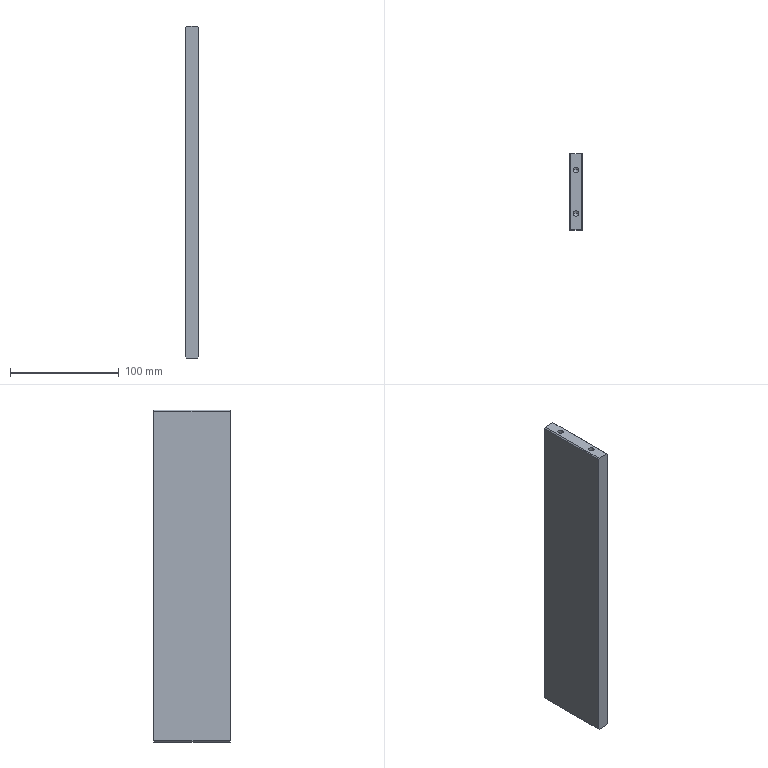Component | SolidWorks | Q1-A12-S21-Q1C.SLDASQ-1_Q1-A12-S21-Q1C-03A-1 | 1 solid | 26 faces | box 12 x 70 x 305 mm | volume 254843 mm3 | plane 10 | cylinder 8 | cone 8 | commonest cylinder face diameters 5 x8 | material Q235-Steel
build123d program:
from build123d import *

# Parameters (mm, degrees)
SKETCH1_W                 = 70
SKETCH1_H                 = 12
BOSS_EXTRUDE1_DEPTH       = 305
M6X1_0_TAPPED_HOLE1_D     = 5
M6X1_0_TAPPED_HOLE1_DEPTH = 15
M6X1_0_TAPPED_HOLE1_TIP   = 1.502
M6X1_0_TAPPED_HOLE2_D     = 5
M6X1_0_TAPPED_HOLE2_DEPTH = 15
M6X1_0_TAPPED_HOLE2_TIP   = 1.502
CHAMFER1_SIZE             = 1


with BuildPart() as part:
    # Sketch1 → Boss-Extrude1 (new body)
    with BuildSketch(Plane(origin=(0, 0, 0), x_dir=(1, 0, 0), z_dir=(0, 1, 0))):
        Rectangle(SKETCH1_W, SKETCH1_H)
    extrude(amount=BOSS_EXTRUDE1_DEPTH)

    # M6x1.0 Tapped Hole1
    with Locations(Plane(origin=(0, 305, 0), x_dir=(1, 0, 0), z_dir=(0, 1, 0))):
        with Locations((20, 0), (-20, 0)):
            Hole(M6X1_0_TAPPED_HOLE1_D / 2, depth=M6X1_0_TAPPED_HOLE1_DEPTH)
            with Locations((0, 0, -(M6X1_0_TAPPED_HOLE1_DEPTH + M6X1_0_TAPPED_HOLE1_TIP / 2))):  # 118° drill point
                Cone(0, M6X1_0_TAPPED_HOLE1_D / 2, M6X1_0_TAPPED_HOLE1_TIP, mode=Mode.SUBTRACT)

    # M6x1.0 Tapped Hole2
    with Locations(Plane(origin=(0, 0, 0), x_dir=(-1, 0, 0), z_dir=(0, -1, 0))):
        with Locations((20, 0), (-20, 0)):
            Hole(M6X1_0_TAPPED_HOLE2_D / 2, depth=M6X1_0_TAPPED_HOLE2_DEPTH)
            with Locations((0, 0, -(M6X1_0_TAPPED_HOLE2_DEPTH + M6X1_0_TAPPED_HOLE2_TIP / 2))):  # 118° drill point
                Cone(0, M6X1_0_TAPPED_HOLE2_D / 2, M6X1_0_TAPPED_HOLE2_TIP, mode=Mode.SUBTRACT)

    # Chamfer1
    chamfer1_edges = [part.edges().sort_by_distance(p)[0] for p in [
        (0, 305, 6),
        (0, 0, 6),
        (0, 0, -6),
        (0, 305, -6),
    ]]
    chamfer(chamfer1_edges, length=CHAMFER1_SIZE)


solid = part.part

# Placed as in the assembly
solid = solid.moved(Location((2095.5, 0, -152.5), (90, -90, 0)))
STEP:
#1=COLOUR_RGB('',0.7922,0.8196,0.9333);
#2=FILL_AREA_STYLE_COLOUR('',#1);
#3=FILL_AREA_STYLE('',(#2));
#4=SURFACE_STYLE_FILL_AREA(#3);
#5=SURFACE_SIDE_STYLE('',(#4));
#6=SURFACE_STYLE_USAGE(.BOTH.,#5);
#7=PRESENTATION_STYLE_ASSIGNMENT((#6));
#8=CARTESIAN_POINT('',(82.402,-0.7874,5.413));
#9=VERTEX_POINT('',#8);
#10=CARTESIAN_POINT('',(82.598,-0.7874,5.413));
#11=VERTEX_POINT('',#10);
#12=CARTESIAN_POINT('',(82.5,-0.7874,5.413));
#13=DIRECTION('',(0.,-0.,1.));
#14=DIRECTION('',(1.,0.,0.));
#15=AXIS2_PLACEMENT_3D('',#12,#13,#14);
#16=CIRCLE('',#15,0.09843);
#17=EDGE_CURVE('',#9,#11,#16,.T.);
#18=ORIENTED_EDGE('',*,*,#17,.F.);
#19=CARTESIAN_POINT('',(82.402,-0.7874,6.004));
#20=VERTEX_POINT('',#19);
#21=CARTESIAN_POINT('',(82.402,-0.7874,6.004));
#22=DIRECTION('',(0.,-0.,1.));
#23=VECTOR('',#22,39.37);
#24=LINE('',#21,#23);
#25=EDGE_CURVE('',#9,#20,#24,.T.);
#26=ORIENTED_EDGE('',*,*,#25,.T.);
#27=CARTESIAN_POINT('',(82.598,-0.7874,6.004));
#28=VERTEX_POINT('',#27);
#29=CARTESIAN_POINT('',(82.5,-0.7874,6.004));
#30=DIRECTION('',(0.,-0.,1.));
#31=DIRECTION('',(1.,0.,0.));
#32=AXIS2_PLACEMENT_3D('',#29,#30,#31);
#33=CIRCLE('',#32,0.09843);
#34=EDGE_CURVE('',#20,#28,#33,.T.);
#35=ORIENTED_EDGE('',*,*,#34,.T.);
#36=CARTESIAN_POINT('',(82.598,-0.7874,6.004));
#37=DIRECTION('',(0.,-0.,1.));
#38=VECTOR('',#37,39.37);
#39=LINE('',#36,#38);
#40=EDGE_CURVE('',#11,#28,#39,.T.);
#41=ORIENTED_EDGE('',*,*,#40,.F.);
#42=EDGE_LOOP('',(#18,#26,#35,#41));
#43=FACE_OUTER_BOUND('',#42,.T.);
#44=CARTESIAN_POINT('',(82.5,-0.7874,6.004));
#45=DIRECTION('',(0.,-0.,1.));
#46=DIRECTION('',(1.,0.,0.));
#47=AXIS2_PLACEMENT_3D('',#44,#45,#46);
#48=CYLINDRICAL_SURFACE('',#47,0.09843);
#49=ADVANCED_FACE('',(#43),#48,.F.);
#50=CARTESIAN_POINT('',(82.5,-0.7874,5.354));
#51=VERTEX_POINT('',#50);
#52=CARTESIAN_POINT('',(82.598,-0.7874,5.413));
#53=DIRECTION('',(0.8572,-0.,0.515));
#54=VECTOR('',#53,39.37);
#55=LINE('',#52,#54);
#56=EDGE_CURVE('',#51,#11,#55,.T.);
#57=ORIENTED_EDGE('',*,*,#56,.F.);
#58=CARTESIAN_POINT('',(82.402,-0.7874,5.413));
#59=DIRECTION('',(-0.8572,0.,0.515));
#60=VECTOR('',#59,39.37);
#61=LINE('',#58,#60);
#62=EDGE_CURVE('',#51,#9,#61,.T.);
#63=ORIENTED_EDGE('',*,*,#62,.T.);
#64=ORIENTED_EDGE('',*,*,#17,.T.);
#65=EDGE_LOOP('',(#57,#63,#64));
#66=FACE_OUTER_BOUND('',#65,.T.);
#67=CARTESIAN_POINT('',(82.5,-0.7874,5.413));
#68=DIRECTION('',(0.,-0.,1.));
#69=DIRECTION('',(1.,0.,0.));
#70=AXIS2_PLACEMENT_3D('',#67,#68,#69);
#71=CONICAL_SURFACE('',#70,0.09843,1.03);
#72=ADVANCED_FACE('',(#66),#71,.F.);
#73=CARTESIAN_POINT('',(82.402,0.7874,5.413));
#74=VERTEX_POINT('',#73);
#75=CARTESIAN_POINT('',(82.598,0.7874,5.413));
#76=VERTEX_POINT('',#75);
#77=CARTESIAN_POINT('',(82.5,0.7874,5.413));
#78=DIRECTION('',(0.,-0.,1.));
#79=DIRECTION('',(1.,0.,0.));
#80=AXIS2_PLACEMENT_3D('',#77,#78,#79);
#81=CIRCLE('',#80,0.09843);
#82=EDGE_CURVE('',#74,#76,#81,.T.);
#83=ORIENTED_EDGE('',*,*,#82,.F.);
#84=CARTESIAN_POINT('',(82.402,0.7874,6.004));
#85=VERTEX_POINT('',#84);
#86=CARTESIAN_POINT('',(82.402,0.7874,6.004));
#87=DIRECTION('',(0.,-0.,1.));
#88=VECTOR('',#87,39.37);
#89=LINE('',#86,#88);
#90=EDGE_CURVE('',#74,#85,#89,.T.);
#91=ORIENTED_EDGE('',*,*,#90,.T.);
#92=CARTESIAN_POINT('',(82.598,0.7874,6.004));
#93=VERTEX_POINT('',#92);
#94=CARTESIAN_POINT('',(82.5,0.7874,6.004));
#95=DIRECTION('',(0.,-0.,1.));
#96=DIRECTION('',(1.,0.,0.));
#97=AXIS2_PLACEMENT_3D('',#94,#95,#96);
#98=CIRCLE('',#97,0.09843);
#99=EDGE_CURVE('',#85,#93,#98,.T.);
#100=ORIENTED_EDGE('',*,*,#99,.T.);
#101=CARTESIAN_POINT('',(82.598,0.7874,6.004));
#102=DIRECTION('',(0.,-0.,1.));
#103=VECTOR('',#102,39.37);
#104=LINE('',#101,#103);
#105=EDGE_CURVE('',#76,#93,#104,.T.);
#106=ORIENTED_EDGE('',*,*,#105,.F.);
#107=EDGE_LOOP('',(#83,#91,#100,#106));
#108=FACE_OUTER_BOUND('',#107,.T.);
#109=CARTESIAN_POINT('',(82.5,0.7874,6.004));
#110=DIRECTION('',(0.,-0.,1.));
#111=DIRECTION('',(1.,0.,0.));
#112=AXIS2_PLACEMENT_3D('',#109,#110,#111);
#113=CYLINDRICAL_SURFACE('',#112,0.09843);
#114=ADVANCED_FACE('',(#108),#113,.F.);
#115=CARTESIAN_POINT('',(82.5,0.7874,5.354));
#116=VERTEX_POINT('',#115);
#117=CARTESIAN_POINT('',(82.598,0.7874,5.413));
#118=DIRECTION('',(0.8572,-0.,0.515));
#119=VECTOR('',#118,39.37);
#120=LINE('',#117,#119);
#121=EDGE_CURVE('',#116,#76,#120,.T.);
#122=ORIENTED_EDGE('',*,*,#121,.F.);
#123=CARTESIAN_POINT('',(82.402,0.7874,5.413));
#124=DIRECTION('',(-0.8572,0.,0.515));
#125=VECTOR('',#124,39.37);
#126=LINE('',#123,#125);
#127=EDGE_CURVE('',#116,#74,#126,.T.);
#128=ORIENTED_EDGE('',*,*,#127,.T.);
#129=ORIENTED_EDGE('',*,*,#82,.T.);
#130=EDGE_LOOP('',(#122,#128,#129));
#131=FACE_OUTER_BOUND('',#130,.T.);
#132=CARTESIAN_POINT('',(82.5,0.7874,5.413));
#133=DIRECTION('',(0.,-0.,1.));
#134=DIRECTION('',(1.,0.,0.));
#135=AXIS2_PLACEMENT_3D('',#132,#133,#134);
#136=CONICAL_SURFACE('',#135,0.09843,1.03);
#137=ADVANCED_FACE('',(#131),#136,.F.);
#138=CARTESIAN_POINT('',(82.598,0.7874,-5.413));
#139=VERTEX_POINT('',#138);
#140=CARTESIAN_POINT('',(82.402,0.7874,-5.413));
#141=VERTEX_POINT('',#140);
#142=CARTESIAN_POINT('',(82.5,0.7874,-5.413));
#143=DIRECTION('',(-0.,0.,-1.));
#144=DIRECTION('',(-1.,0.,0.));
#145=AXIS2_PLACEMENT_3D('',#142,#143,#144);
#146=CIRCLE('',#145,0.09843);
#147=EDGE_CURVE('',#139,#141,#146,.T.);
#148=ORIENTED_EDGE('',*,*,#147,.F.);
#149=CARTESIAN_POINT('',(82.598,0.7874,-6.004));
#150=VERTEX_POINT('',#149);
#151=CARTESIAN_POINT('',(82.598,0.7874,-6.004));
#152=DIRECTION('',(-0.,0.,-1.));
#153=VECTOR('',#152,39.37);
#154=LINE('',#151,#153);
#155=EDGE_CURVE('',#139,#150,#154,.T.);
#156=ORIENTED_EDGE('',*,*,#155,.T.);
#157=CARTESIAN_POINT('',(82.402,0.7874,-6.004));
#158=VERTEX_POINT('',#157);
#159=CARTESIAN_POINT('',(82.5,0.7874,-6.004));
#160=DIRECTION('',(-0.,0.,-1.));
#161=DIRECTION('',(-1.,0.,0.));
#162=AXIS2_PLACEMENT_3D('',#159,#160,#161);
#163=CIRCLE('',#162,0.09843);
#164=EDGE_CURVE('',#150,#158,#163,.T.);
#165=ORIENTED_EDGE('',*,*,#164,.T.);
#166=CARTESIAN_POINT('',(82.402,0.7874,-6.004));
#167=DIRECTION('',(-0.,0.,-1.));
#168=VECTOR('',#167,39.37);
#169=LINE('',#166,#168);
#170=EDGE_CURVE('',#141,#158,#169,.T.);
#171=ORIENTED_EDGE('',*,*,#170,.F.);
#172=EDGE_LOOP('',(#148,#156,#165,#171));
#173=FACE_OUTER_BOUND('',#172,.T.);
#174=CARTESIAN_POINT('',(82.5,0.7874,-6.004));
#175=DIRECTION('',(-0.,0.,-1.));
#176=DIRECTION('',(-1.,0.,0.));
#177=AXIS2_PLACEMENT_3D('',#174,#175,#176);
#178=CYLINDRICAL_SURFACE('',#177,0.09843);
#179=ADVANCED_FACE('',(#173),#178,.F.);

—————

PROBLEM DETAILS: In the data above, please extract the lines from the first one through the line with "#2=FILL_AREA_STYLE_COLOUR('',#1);", exactly, and keep pictures out.

WRITTEN RESPONSE:
Component | SolidWorks | Q1-A12-S21-Q1C.SLDASQ-1_Q1-A12-S21-Q1C-03A-1 | 1 solid | 26 faces | box 12 x 70 x 305 mm | volume 254843 mm3 | plane 10 | cylinder 8 | cone 8 | commonest cylinder face diameters 5 x8 | material Q235-Steel
build123d program:
from build123d import *

# Parameters (mm, degrees)
SKETCH1_W                 = 70
SKETCH1_H                 = 12
BOSS_EXTRUDE1_DEPTH       = 305
M6X1_0_TAPPED_HOLE1_D     = 5
M6X1_0_TAPPED_HOLE1_DEPTH = 15
M6X1_0_TAPPED_HOLE1_TIP   = 1.502
M6X1_0_TAPPED_HOLE2_D     = 5
M6X1_0_TAPPED_HOLE2_DEPTH = 15
M6X1_0_TAPPED_HOLE2_TIP   = 1.502
CHAMFER1_SIZE             = 1


with BuildPart() as part:
    # Sketch1 → Boss-Extrude1 (new body)
    with BuildSketch(Plane(origin=(0, 0, 0), x_dir=(1, 0, 0), z_dir=(0, 1, 0))):
        Rectangle(SKETCH1_W, SKETCH1_H)
    extrude(amount=BOSS_EXTRUDE1_DEPTH)

    # M6x1.0 Tapped Hole1
    with Locations(Plane(origin=(0, 305, 0), x_dir=(1, 0, 0), z_dir=(0, 1, 0))):
        with Locations((20, 0), (-20, 0)):
            Hole(M6X1_0_TAPPED_HOLE1_D / 2, depth=M6X1_0_TAPPED_HOLE1_DEPTH)
            with Locations((0, 0, -(M6X1_0_TAPPED_HOLE1_DEPTH + M6X1_0_TAPPED_HOLE1_TIP / 2))):  # 118° drill point
                Cone(0, M6X1_0_TAPPED_HOLE1_D / 2, M6X1_0_TAPPED_HOLE1_TIP, mode=Mode.SUBTRACT)

    # M6x1.0 Tapped Hole2
    with Locations(Plane(origin=(0, 0, 0), x_dir=(-1, 0, 0), z_dir=(0, -1, 0))):
        with Locations((20, 0), (-20, 0)):
            Hole(M6X1_0_TAPPED_HOLE2_D / 2, depth=M6X1_0_TAPPED_HOLE2_DEPTH)
            with Locations((0, 0, -(M6X1_0_TAPPED_HOLE2_DEPTH + M6X1_0_TAPPED_HOLE2_TIP / 2))):  # 118° drill point
                Cone(0, M6X1_0_TAPPED_HOLE2_D / 2, M6X1_0_TAPPED_HOLE2_TIP, mode=Mode.SUBTRACT)

    # Chamfer1
    chamfer1_edges = [part.edges().sort_by_distance(p)[0] for p in [
        (0, 305, 6),
        (0, 0, 6),
        (0, 0, -6),
        (0, 305, -6),
    ]]
    chamfer(chamfer1_edges, length=CHAMFER1_SIZE)


solid = part.part

# Placed as in the assembly
solid = solid.moved(Location((2095.5, 0, -152.5), (90, -90, 0)))
STEP:
#1=COLOUR_RGB('',0.7922,0.8196,0.9333);
#2=FILL_AREA_STYLE_COLOUR('',#1);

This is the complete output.